Material for this exercise section start

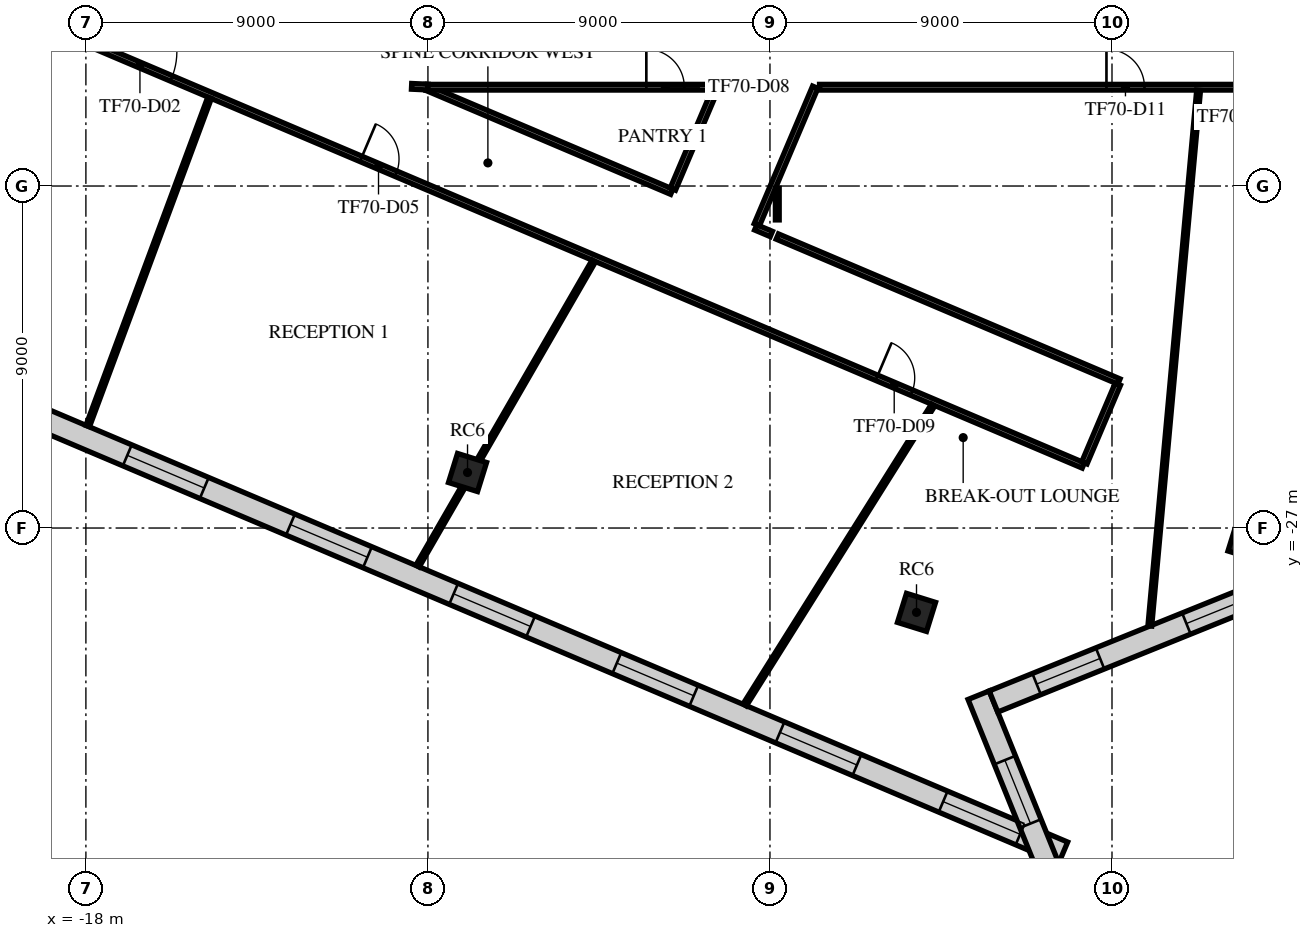
"""IFC4 building model, lengths in metres.
Left out: names, types, materials, properties, quantities, classifications, styles, units other than length and angle.
Written with IfcOpenShell. Run it as: python <this file> out.ifc"""

import sys

from ifc_helpers import new_model, si_unit, direction, frame, frame_2d, origin, origin_2d, place, context, subcontext, project, spatial, rectangle, extrude, element, fill, save


model = new_model("IFC4")
c1 = context("Model", 3, precision=1e-05, world=origin(), true_north=direction((0.0, 1.0)))
c2 = subcontext(c1, "Body", "Model", "MODEL_VIEW")
j1 = project(units=[si_unit("LENGTHUNIT", "METRE"), si_unit("PLANEANGLEUNIT", "RADIAN")], contexts=[c1])
p1 = place(None, origin())
s1 = spatial("IfcSite", under=j1, at=p1, CompositionType="ELEMENT")
p2 = place(p1, origin())
s2 = spatial("IfcBuilding", under=s1, at=p2, CompositionType="ELEMENT")
p3 = place(p2, frame((0.0, 0.0, 300.5)))
s3 = spatial("IfcBuildingStorey", under=s2, at=p3, CompositionType="ELEMENT", Elevation=300.5)
for number, where, z_axis, x_axis in (
    (1, (-7.958, -25.539, 0.0), (0.0, 0.0, 1.0), (0.298, 0.955, 0.0)),
    (2, (3.856, -29.22, 0.0), (0.0, 0.0, 1.0), (0.298, 0.955, 0.0)),
):
    element("IfcColumn", number, at=place(p3, frame(where, z_axis=z_axis, x_axis=x_axis)), inside=s3, PredefinedType="COLUMN", context=c2, shape_type="SweptSolid", body=[
        extrude(rectangle(XDim=0.8, YDim=0.8, at=origin_2d()), origin(), (0.0, 0.0, 1.0), 4.0),
    ])
p4 = place(p3, frame((12.929, -27.144, 0.0), z_axis=(0.0, 0.0, 1.0), x_axis=(0.297503182032, 0.954720826567, 0.0)))
e3 = element("IfcColumn", 3, at=p4, inside=s3, PredefinedType="COLUMN", context=c2, shape_type="SweptSolid", body=[
    extrude(rectangle(XDim=1.4, YDim=1.4, at=origin_2d()), origin(), (0.0, 0.0, 1.0), 4.0),
])
p5 = place(p3, frame((-30.926, -19.138, 0.0), z_axis=(0.0, 0.0, 1.0), x_axis=(0.920504905663, -0.39073100549, 0.0)))
e4 = element("IfcWall", 4, at=p5, inside=s3, PredefinedType="STANDARD", context=c2, shape_type="SweptSolid", body=[
    extrude(rectangle(XDim=41.979, YDim=0.6, at=frame_2d((20.99, 0.0))), origin(), (0.0, 0.0, 1.0), 3.65),
])
p6 = place(p5, frame((1.232, 0.0, 0.9)))
e5 = element("IfcOpeningElement", 5, at=p6, cuts=e4, PredefinedType="OPENING", context=c2, shape_type="SweptSolid", body=[
    extrude(rectangle(XDim=2.2, YDim=2.1, at=frame_2d((1.1, 1.05))), frame((0.0, 0.31, 0.0), z_axis=(0.0, -1.0, 0.0), x_axis=(1.0, 0.0, 0.0)), (0.0, 0.0, 1.0), 0.62),
])
p7 = place(p5, frame((5.896, 0.0, 0.9)))
e6 = element("IfcOpeningElement", 6, at=p7, cuts=e4, PredefinedType="OPENING", context=c2, shape_type="SweptSolid", body=[
    extrude(rectangle(XDim=2.2, YDim=2.1, at=frame_2d((1.1, 1.05))), frame((0.0, 0.31, 0.0), z_axis=(0.0, -1.0, 0.0), x_axis=(1.0, 0.0, 0.0)), (0.0, 0.0, 1.0), 0.62),
])
p8 = place(p5, frame((10.561, 0.0, 0.9)))
e7 = element("IfcOpeningElement", 7, at=p8, cuts=e4, PredefinedType="OPENING", context=c2, shape_type="SweptSolid", body=[
    extrude(rectangle(XDim=2.2, YDim=2.1, at=frame_2d((1.1, 1.05))), frame((0.0, 0.31, 0.0), z_axis=(0.0, -1.0, 0.0), x_axis=(1.0, 0.0, 0.0)), (0.0, 0.0, 1.0), 0.62),
])
p9 = place(p5, frame((15.225, 0.0, 0.9)))
e8 = element("IfcOpeningElement", 8, at=p9, cuts=e4, PredefinedType="OPENING", context=c2, shape_type="SweptSolid", body=[
    extrude(rectangle(XDim=2.2, YDim=2.1, at=frame_2d((1.1, 1.05))), frame((0.0, 0.31, 0.0), z_axis=(0.0, -1.0, 0.0), x_axis=(1.0, 0.0, 0.0)), (0.0, 0.0, 1.0), 0.62),
])
p10 = place(p5, frame((19.89, 0.0, 0.9)))
e9 = element("IfcOpeningElement", 9, at=p10, cuts=e4, PredefinedType="OPENING", context=c2, shape_type="SweptSolid", body=[
    extrude(rectangle(XDim=2.2, YDim=2.1, at=frame_2d((1.1, 1.05))), frame((0.0, 0.31, 0.0), z_axis=(0.0, -1.0, 0.0), x_axis=(1.0, 0.0, 0.0)), (0.0, 0.0, 1.0), 0.62),
])
p11 = place(p5, frame((24.554, 0.0, 0.9)))
e10 = element("IfcOpeningElement", 10, at=p11, cuts=e4, PredefinedType="OPENING", context=c2, shape_type="SweptSolid", body=[
    extrude(rectangle(XDim=2.2, YDim=2.1, at=frame_2d((1.1, 1.05))), frame((0.0, 0.31, 0.0), z_axis=(0.0, -1.0, 0.0), x_axis=(1.0, 0.0, 0.0)), (0.0, 0.0, 1.0), 0.62),
])
p12 = place(p5, frame((29.218, 0.0, 0.9)))
e11 = element("IfcOpeningElement", 11, at=p12, cuts=e4, PredefinedType="OPENING", context=c2, shape_type="SweptSolid", body=[
    extrude(rectangle(XDim=2.2, YDim=2.1, at=frame_2d((1.1, 1.05))), frame((0.0, 0.31, 0.0), z_axis=(0.0, -1.0, 0.0), x_axis=(1.0, 0.0, 0.0)), (0.0, 0.0, 1.0), 0.62),
])
p13 = place(p5, frame((33.883, 0.0, 0.9)))
e12 = element("IfcOpeningElement", 12, at=p13, cuts=e4, PredefinedType="OPENING", context=c2, shape_type="SweptSolid", body=[
    extrude(rectangle(XDim=2.2, YDim=2.1, at=frame_2d((1.1, 1.05))), frame((0.0, 0.31, 0.0), z_axis=(0.0, -1.0, 0.0), x_axis=(1.0, 0.0, 0.0)), (0.0, 0.0, 1.0), 0.62),
])
p14 = place(p5, frame((38.547, 0.0, 0.9)))
e13 = element("IfcOpeningElement", 13, at=p14, cuts=e4, PredefinedType="OPENING", context=c2, shape_type="SweptSolid", body=[
    extrude(rectangle(XDim=2.2, YDim=2.1, at=frame_2d((1.1, 1.05))), frame((0.0, 0.31, 0.0), z_axis=(0.0, -1.0, 0.0), x_axis=(1.0, 0.0, 0.0)), (0.0, 0.0, 1.0), 0.62),
])
p15 = place(p3, frame((7.321, -35.929, 0.0), z_axis=(0.0, 0.0, 1.0), x_axis=(-0.374593593988, 0.927189106571, 0.0)))
e14 = element("IfcWall", 14, at=p15, inside=s3, PredefinedType="STANDARD", context=c2, shape_type="SweptSolid", body=[
    extrude(rectangle(XDim=4.885, YDim=0.6, at=frame_2d((2.443, 0.0))), origin(), (0.0, 0.0, 1.0), 3.65),
])
p16 = place(p15, frame((1.243, 0.0, 0.9)))
e15 = element("IfcOpeningElement", 15, at=p16, cuts=e14, PredefinedType="OPENING", context=c2, shape_type="SweptSolid", body=[
    extrude(rectangle(XDim=1.8, YDim=2.1, at=frame_2d((0.9, 1.05))), frame((0.0, 0.31, 0.0), z_axis=(0.0, -1.0, 0.0), x_axis=(1.0, 0.0, 0.0)), (0.0, 0.0, 1.0), 0.62),
])
p17 = place(p3, frame((5.881, -31.565, 0.0), z_axis=(0.0, 0.0, 1.0), x_axis=(0.927187551636, 0.37459744272, 0.0)))
e16 = element("IfcWall", 16, at=p17, inside=s3, PredefinedType="STANDARD", context=c2, shape_type="SweptSolid", body=[
    extrude(rectangle(XDim=8.5, YDim=0.6, at=frame_2d((4.25, 0.0))), origin(), (0.0, 0.0, 1.0), 3.65),
])
p18 = place(p17, frame((1.225, 0.0, 0.9)))
e17 = element("IfcOpeningElement", 17, at=p18, cuts=e16, PredefinedType="OPENING", context=c2, shape_type="SweptSolid", body=[
    extrude(rectangle(XDim=1.8, YDim=2.1, at=frame_2d((0.9, 1.05))), frame((0.0, 0.31, 0.0), z_axis=(0.0, -1.0, 0.0), x_axis=(1.0, 0.0, 0.0)), (0.0, 0.0, 1.0), 0.62),
])
p19 = place(p17, frame((5.475, 0.0, 0.9)))
e18 = element("IfcOpeningElement", 18, at=p19, cuts=e16, PredefinedType="OPENING", context=c2, shape_type="SweptSolid", body=[
    extrude(rectangle(XDim=1.8, YDim=2.1, at=frame_2d((0.9, 1.05))), frame((0.0, 0.31, 0.0), z_axis=(0.0, -1.0, 0.0), x_axis=(1.0, 0.0, 0.0)), (0.0, 0.0, 1.0), 0.62),
])
p20 = place(p3, frame((-23.896, -11.711, 0.0), z_axis=(0.0, 0.0, 1.0), x_axis=(0.920507643781, -0.390724554821, 0.0)))
e19 = element("IfcWall", 19, at=p20, inside=s3, PredefinedType="PARTITIONING", context=c2, shape_type="SweptSolid", body=[
    extrude(rectangle(XDim=34.917, YDim=0.15, at=frame_2d((17.458, 0.0))), origin(), (0.0, 0.0, 1.0), 3.25),
])
p21 = place(p20, frame((7.05, 0.0, 0.0)))
e20 = element("IfcOpeningElement", 20, at=p21, cuts=e19, PredefinedType="OPENING", context=c2, shape_type="SweptSolid", body=[
    extrude(rectangle(XDim=1.8, YDim=2.1, at=frame_2d((0.9, 1.05))), frame((0.0, 0.085, 0.0), z_axis=(0.0, -1.0, 0.0), x_axis=(1.0, 0.0, 0.0)), (0.0, 0.0, 1.0), 0.17),
])
p22 = place(p20, frame((14.27, 0.0, 0.0)))
e21 = element("IfcOpeningElement", 21, at=p22, cuts=e19, PredefinedType="OPENING", context=c2, shape_type="SweptSolid", body=[
    extrude(rectangle(XDim=1.0, YDim=2.1, at=frame_2d((0.5, 1.05))), frame((0.0, 0.085, 0.0), z_axis=(0.0, -1.0, 0.0), x_axis=(1.0, 0.0, 0.0)), (0.0, 0.0, 1.0), 0.17),
])
p23 = place(p20, frame((29.011, 0.0, 0.0)))
e22 = element("IfcOpeningElement", 22, at=p23, cuts=e19, PredefinedType="OPENING", context=c2, shape_type="SweptSolid", body=[
    extrude(rectangle(XDim=1.0, YDim=2.1, at=frame_2d((0.5, 1.05))), frame((0.0, 0.085, 0.0), z_axis=(0.0, -1.0, 0.0), x_axis=(1.0, 0.0, 0.0)), (0.0, 0.0, 1.0), 0.17),
])
p24 = place(p3, frame((-9.054, -15.404, 0.0), z_axis=(0.0, 0.0, 1.0), x_axis=(0.920529927063, -0.390672053495, 0.0)))
e23 = element("IfcWall", 23, at=p24, inside=s3, PredefinedType="PARTITIONING", context=c2, shape_type="SweptSolid", body=[
    extrude(rectangle(XDim=7.029, YDim=0.15, at=frame_2d((3.514, 0.0))), origin(), (0.0, 0.0, 1.0), 3.25),
])
p25 = place(p3, frame((-9.053, -15.4, 0.0), z_axis=(0.0, 0.0, 1.0), x_axis=(1.0, 0.0, 0.0)))
e24 = element("IfcWall", 24, at=p25, inside=s3, PredefinedType="PARTITIONING", context=c2, shape_type="SweptSolid", body=[
    extrude(rectangle(XDim=7.636, YDim=0.15, at=frame_2d((3.818, 0.0))), origin(), (0.0, 0.0, 1.0), 3.25),
])
p26 = place(p25, frame((5.8, 0.0, 0.0)))
e25 = element("IfcOpeningElement", 25, at=p26, cuts=e24, PredefinedType="OPENING", context=c2, shape_type="SweptSolid", body=[
    extrude(rectangle(XDim=1.0, YDim=2.1, at=frame_2d((0.5, 1.05))), frame((0.0, 0.085, 0.0), z_axis=(0.0, -1.0, 0.0), x_axis=(1.0, 0.0, 0.0)), (0.0, 0.0, 1.0), 0.17),
])
p27 = place(p3, frame((-8.996, -15.397, 0.0), z_axis=(0.0, 0.0, 1.0), x_axis=(-0.998938201598, 0.046070265765, 0.0)))
e26 = element("IfcWall", 26, at=p27, inside=s3, PredefinedType="PARTITIONING", context=c2, shape_type="SweptSolid", body=[
    extrude(rectangle(XDim=0.435, YDim=0.15, at=frame_2d((0.217, 0.0))), origin(), (0.0, 0.0, 1.0), 3.65),
])
p28 = place(p3, frame((-2.555, -18.081, 0.0), z_axis=(0.0, 0.0, 1.0), x_axis=(0.39066407996, 0.920533310983, 0.0)))
e27 = element("IfcWall", 27, at=p28, inside=s3, PredefinedType="PARTITIONING", context=c2, shape_type="SweptSolid", body=[
    extrude(rectangle(XDim=2.799, YDim=0.15, at=frame_2d((1.399, 0.0))), origin(), (0.0, 0.0, 1.0), 3.25),
])
p29 = place(p3, frame((-0.375, -19.088, 0.0), z_axis=(0.0, 0.0, 1.0), x_axis=(0.920778367596, -0.390086141471, 0.0)))
e28 = element("IfcWall", 28, at=p29, inside=s3, PredefinedType="PARTITIONING", context=c2, shape_type="SweptSolid", body=[
    extrude(rectangle(XDim=0.446, YDim=0.15, at=frame_2d((0.223, 0.0))), origin(), (0.0, 0.0, 1.0), 3.65),
])
p30 = place(p3, frame((-0.346, -19.019, 0.0), z_axis=(0.0, 0.0, 1.0), x_axis=(0.390836874274, 0.920459959861, 0.0)))
e29 = element("IfcWall", 29, at=p30, inside=s3, PredefinedType="PARTITIONING", context=c2, shape_type="SweptSolid", body=[
    extrude(rectangle(XDim=3.932, YDim=0.15, at=frame_2d((1.966, 0.0))), origin(), (0.0, 0.0, 1.0), 3.65),
])
p31 = place(p3, frame((0.193, -19.329, 0.0), z_axis=(0.0, 0.0, 1.0), x_axis=(0.92050877494, -0.390721889914, 0.0)))
e30 = element("IfcWall", 30, at=p31, inside=s3, PredefinedType="PARTITIONING", context=c2, shape_type="SweptSolid", body=[
    extrude(rectangle(XDim=9.766, YDim=0.15, at=frame_2d((4.883, 0.0))), origin(), (0.0, 0.0, 1.0), 3.25),
])
p32 = place(p3, frame((1.304, -15.4, 0.0), z_axis=(0.0, 0.0, 1.0), x_axis=(1.0, 0.0, 0.0)))
e31 = element("IfcWall", 31, at=p32, inside=s3, PredefinedType="PARTITIONING", context=c2, shape_type="SweptSolid", body=[
    extrude(rectangle(XDim=13.446, YDim=0.15, at=frame_2d((6.723, 0.0))), origin(), (0.0, 0.0, 1.0), 3.25),
])
p33 = place(p32, frame((7.55, 0.0, 0.0)))
e32 = element("IfcOpeningElement", 32, at=p33, cuts=e31, PredefinedType="OPENING", context=c2, shape_type="SweptSolid", body=[
    extrude(rectangle(XDim=1.0, YDim=2.1, at=frame_2d((0.5, 1.05))), frame((0.0, 0.085, 0.0), z_axis=(0.0, -1.0, 0.0), x_axis=(1.0, 0.0, 0.0)), (0.0, 0.0, 1.0), 0.17),
])
p34 = place(p32, frame((11.278, 0.0, 0.0)))
e33 = element("IfcOpeningElement", 33, at=p34, cuts=e31, PredefinedType="OPENING", context=c2, shape_type="SweptSolid", body=[
    extrude(rectangle(XDim=1.0, YDim=2.1, at=frame_2d((0.5, 1.05))), frame((0.0, 0.085, 0.0), z_axis=(0.0, -1.0, 0.0), x_axis=(1.0, 0.0, 0.0)), (0.0, 0.0, 1.0), 0.17),
])
p35 = place(p3, frame((8.274, -25.285, 0.0), z_axis=(0.0, 0.0, 1.0), x_axis=(0.390878666815, 0.920442213194, 0.0)))
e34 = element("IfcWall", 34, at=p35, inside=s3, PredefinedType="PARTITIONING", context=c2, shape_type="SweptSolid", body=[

Material for this exercise section end

__Description of the task__:
Lines holding "where" in the data above: copy each of them.

__Output of the task__:
for number, where, z_axis, x_axis in (
    element("IfcColumn", number, at=place(p3, frame(where, z_axis=z_axis, x_axis=x_axis)), inside=s3, PredefinedType="COLUMN", context=c2, shape_type="SweptSolid", body=[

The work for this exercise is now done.